[Dataset items]
______________________________

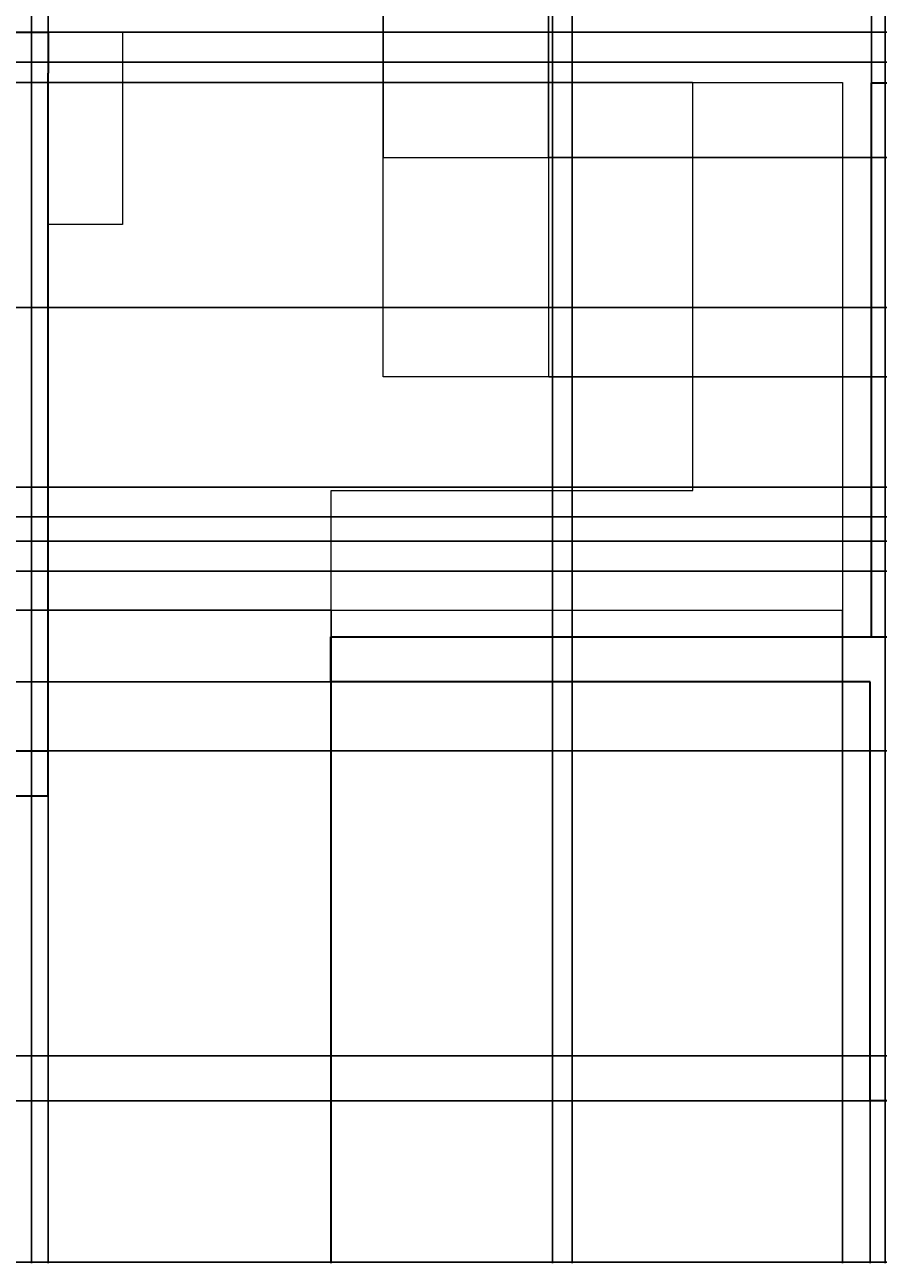
# Model space of a CAD drawing. Units: inches. Extents: x 1159 to 1869, y 2212 to 2738.
# Tile 3 of 5: x 1433 to 1604, y 2212 to 2460. Entities that reach past the tile are written whole.
import ezdxf

# ---------------------------------------------------------------- set-up
doc = ezdxf.new("R2010")
doc.units = ezdxf.units.IN
for name, color, linetype, lineweight in [('A-ANNO-DIMS', 2, 'Continuous', 18), ('A-FLOR-CASE', 30, 'Continuous', 18), ('A-FURN', 8, 'Continuous', 18), ('A-WALL', 7, 'Continuous', 35)]:
    doc.layers.add(name, color=color, linetype=linetype, lineweight=lineweight)
doc.styles.get("Standard").update_dxf_attribs({"font": 'arial.ttf'})
doc.dimstyles.get("Standard").update_dxf_attribs({"dimtxt": 0.18, "dimasz": 0.18, "dimexe": 0.18, "dimexo": 0.0625, "dimgap": 0.09, "dimtad": 0, "dimtih": 1, "dimtoh": 1, "dimdec": 4, "dimzin": 0, "dimdsep": 46, "dimtxsty": 'Standard', "dimcen": 0.09, "dimadec": 0, "dimazin": 0, "dimtfac": 1, "dimtdec": 4, "dimtofl": 0, "dimtmove": 0, "dimatfit": 3, "dimfxl": 1, "dimtolj": 1, "dimtzin": 0, "dimarcsym": 0})

# ---------------------------------------------------------------- blocks, each defined once
blk = doc.blocks.new('*D26')
at = {"layer": 'A-ANNO-DIMS', "color": 0, "lineweight": -2, "transparency": 16777216}
for p, q in [((1191.4, 2305.14), (1191.4, 2211.56)), ((1437.74, 2305.14), (1437.74, 2211.56)), ((1191.58, 2211.74), (1314.11, 2211.74)), ((1437.56, 2211.74), (1315.04, 2211.74))]:
    blk.add_line(p, q, dxfattribs=at)
at = {"layer": 'A-ANNO-DIMS', "color": 0, "transparency": 16777216}
for points in [[(1191.58, 2211.77), (1191.58, 2211.71), (1191.4, 2211.74)], [(1437.56, 2211.77), (1437.56, 2211.71), (1437.74, 2211.74)]]:
    blk.add_solid(points, dxfattribs=at)
at = {"layer": 'Defpoints', "color": 0, "transparency": 16777216}
for p in [(1191.4, 2305.21), (1437.74, 2305.21), (1437.74, 2211.74)]:
    blk.add_point(p, dxfattribs=at)
at = {"layer": 'A-ANNO-DIMS', "color": 0, "transparency": 16777216, "insert": (1314.57, 2211.74), "char_height": 0.18, "attachment_point": 5}
blk.add_mtext('\\A1;246.34', dxfattribs=at)
blk = doc.blocks.new('*D27')
at = {"layer": 'A-ANNO-DIMS', "color": 0, "lineweight": -2, "transparency": 16777216}
for p, q in [((1437.74, 2305.14), (1437.74, 2211.56)), ((1602.4, 2244.01), (1602.4, 2211.56)), ((1437.92, 2211.74), (1519.62, 2211.74)), ((1602.22, 2211.74), (1520.53, 2211.74))]:
    blk.add_line(p, q, dxfattribs=at)
at = {"layer": 'A-ANNO-DIMS', "color": 0, "transparency": 16777216}
for points in [[(1437.92, 2211.77), (1437.92, 2211.71), (1437.74, 2211.74)], [(1602.22, 2211.77), (1602.22, 2211.71), (1602.4, 2211.74)]]:
    blk.add_solid(points, dxfattribs=at)
at = {"layer": 'Defpoints', "color": 0, "transparency": 16777216}
for p in [(1437.74, 2305.21), (1602.4, 2244.08), (1602.4, 2211.74)]:
    blk.add_point(p, dxfattribs=at)
at = {"layer": 'A-ANNO-DIMS', "color": 0, "transparency": 16777216, "insert": (1520.07, 2211.74), "char_height": 0.18, "attachment_point": 5}
blk.add_mtext('\\A1;164.66', dxfattribs=at)
blk = doc.blocks.new('*D28')
at = {"layer": 'A-ANNO-DIMS', "color": 0, "lineweight": -2, "transparency": 16777216}
for p, q in [((1602.4, 2244.01), (1602.4, 2211.56)), ((1752.4, 2244.01), (1752.4, 2211.56)), ((1602.58, 2211.74), (1677.12, 2211.74)), ((1752.22, 2211.74), (1677.68, 2211.74))]:
    blk.add_line(p, q, dxfattribs=at)
at = {"layer": 'A-ANNO-DIMS', "color": 0, "transparency": 16777216}
for points in [[(1602.58, 2211.77), (1602.58, 2211.71), (1602.4, 2211.74)], [(1752.22, 2211.77), (1752.22, 2211.71), (1752.4, 2211.74)]]:
    blk.add_solid(points, dxfattribs=at)
at = {"layer": 'Defpoints', "color": 0, "transparency": 16777216}
for p in [(1602.4, 2244.08), (1752.4, 2244.08), (1752.4, 2211.74)]:
    blk.add_point(p, dxfattribs=at)
at = {"layer": 'A-ANNO-DIMS', "color": 0, "transparency": 16777216, "insert": (1677.4, 2211.74), "char_height": 0.18, "attachment_point": 5}
blk.add_mtext('\\A1;150', dxfattribs=at)
blk = doc.blocks.new('*D42')
at = {"layer": 'A-ANNO-DIMS', "color": 0, "lineweight": -2, "transparency": 16777216}
for p, q in [((1200.46, 2452.21), (1868.92, 2452.21)), ((1868.74, 2452.03), (1868.74, 2404.39)), ((1868.74, 2356.39), (1868.74, 2404.02)), ((1200.46, 2356.21), (1868.92, 2356.21))]:
    blk.add_line(p, q, dxfattribs=at)
at = {"layer": 'A-ANNO-DIMS', "color": 0, "transparency": 16777216}
for points in [[(1868.71, 2452.03), (1868.77, 2452.03), (1868.74, 2452.21)], [(1868.71, 2356.39), (1868.77, 2356.39), (1868.74, 2356.21)]]:
    blk.add_solid(points, dxfattribs=at)
at = {"layer": 'Defpoints', "color": 0, "transparency": 16777216}
for p in [(1200.4, 2452.21), (1868.74, 2452.21), (1200.4, 2356.21)]:
    blk.add_point(p, dxfattribs=at)
at = {"layer": 'A-ANNO-DIMS', "color": 0, "transparency": 16777216, "insert": (1868.74, 2404.21), "char_height": 0.18, "attachment_point": 5}
blk.add_mtext('\\A1;96', dxfattribs=at)
blk = doc.blocks.new('*D45')
at = {"layer": 'A-ANNO-DIMS', "color": 0, "lineweight": -2, "transparency": 16777216}
for p, q in [((1494.4, 2328.01), (1494.4, 2211.56)), ((1602.4, 2328.01), (1602.4, 2211.56)), ((1494.58, 2211.74), (1548.12, 2211.74)), ((1602.22, 2211.74), (1548.68, 2211.74))]:
    blk.add_line(p, q, dxfattribs=at)
at = {"layer": 'A-ANNO-DIMS', "color": 0, "transparency": 16777216}
for points in [[(1494.58, 2211.77), (1494.58, 2211.71), (1494.4, 2211.74)], [(1602.22, 2211.77), (1602.22, 2211.71), (1602.4, 2211.74)]]:
    blk.add_solid(points, dxfattribs=at)
at = {"layer": 'Defpoints', "color": 0, "transparency": 16777216}
for p in [(1494.4, 2328.08), (1602.4, 2328.08), (1602.4, 2211.74)]:
    blk.add_point(p, dxfattribs=at)
at = {"layer": 'A-ANNO-DIMS', "color": 0, "transparency": 16777216, "insert": (1548.4, 2211.74), "char_height": 0.18, "attachment_point": 5}
blk.add_mtext('\\A1;108', dxfattribs=at)
blk = doc.blocks.new('*D46')
at = {"layer": 'A-ANNO-DIMS', "color": 0, "lineweight": -2, "transparency": 16777216}
for p, q in [((1602.34, 2328.08), (1158.88, 2328.08)), ((1159.06, 2327.9), (1159.06, 2286.26)), ((1159.06, 2244.26), (1159.06, 2285.89)), ((1602.34, 2244.08), (1158.88, 2244.08))]:
    blk.add_line(p, q, dxfattribs=at)
at = {"layer": 'A-ANNO-DIMS', "color": 0, "transparency": 16777216}
for points in [[(1159.03, 2327.9), (1159.09, 2327.9), (1159.06, 2328.08)], [(1159.03, 2244.26), (1159.09, 2244.26), (1159.06, 2244.08)]]:
    blk.add_solid(points, dxfattribs=at)
at = {"layer": 'Defpoints', "color": 0, "transparency": 16777216}
for p in [(1159.06, 2328.08), (1602.4, 2328.08), (1602.4, 2244.08)]:
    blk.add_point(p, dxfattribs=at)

______________________________

* **Work to be completed**
Copy all lines from the entries that contain the word "blocks".

* **Solution to the problem**
# ---------------------------------------------------------------- blocks, each defined once
blk = doc.blocks.new('*D26')
blk = doc.blocks.new('*D27')
blk = doc.blocks.new('*D28')
blk = doc.blocks.new('*D42')
blk = doc.blocks.new('*D45')
blk = doc.blocks.new('*D46')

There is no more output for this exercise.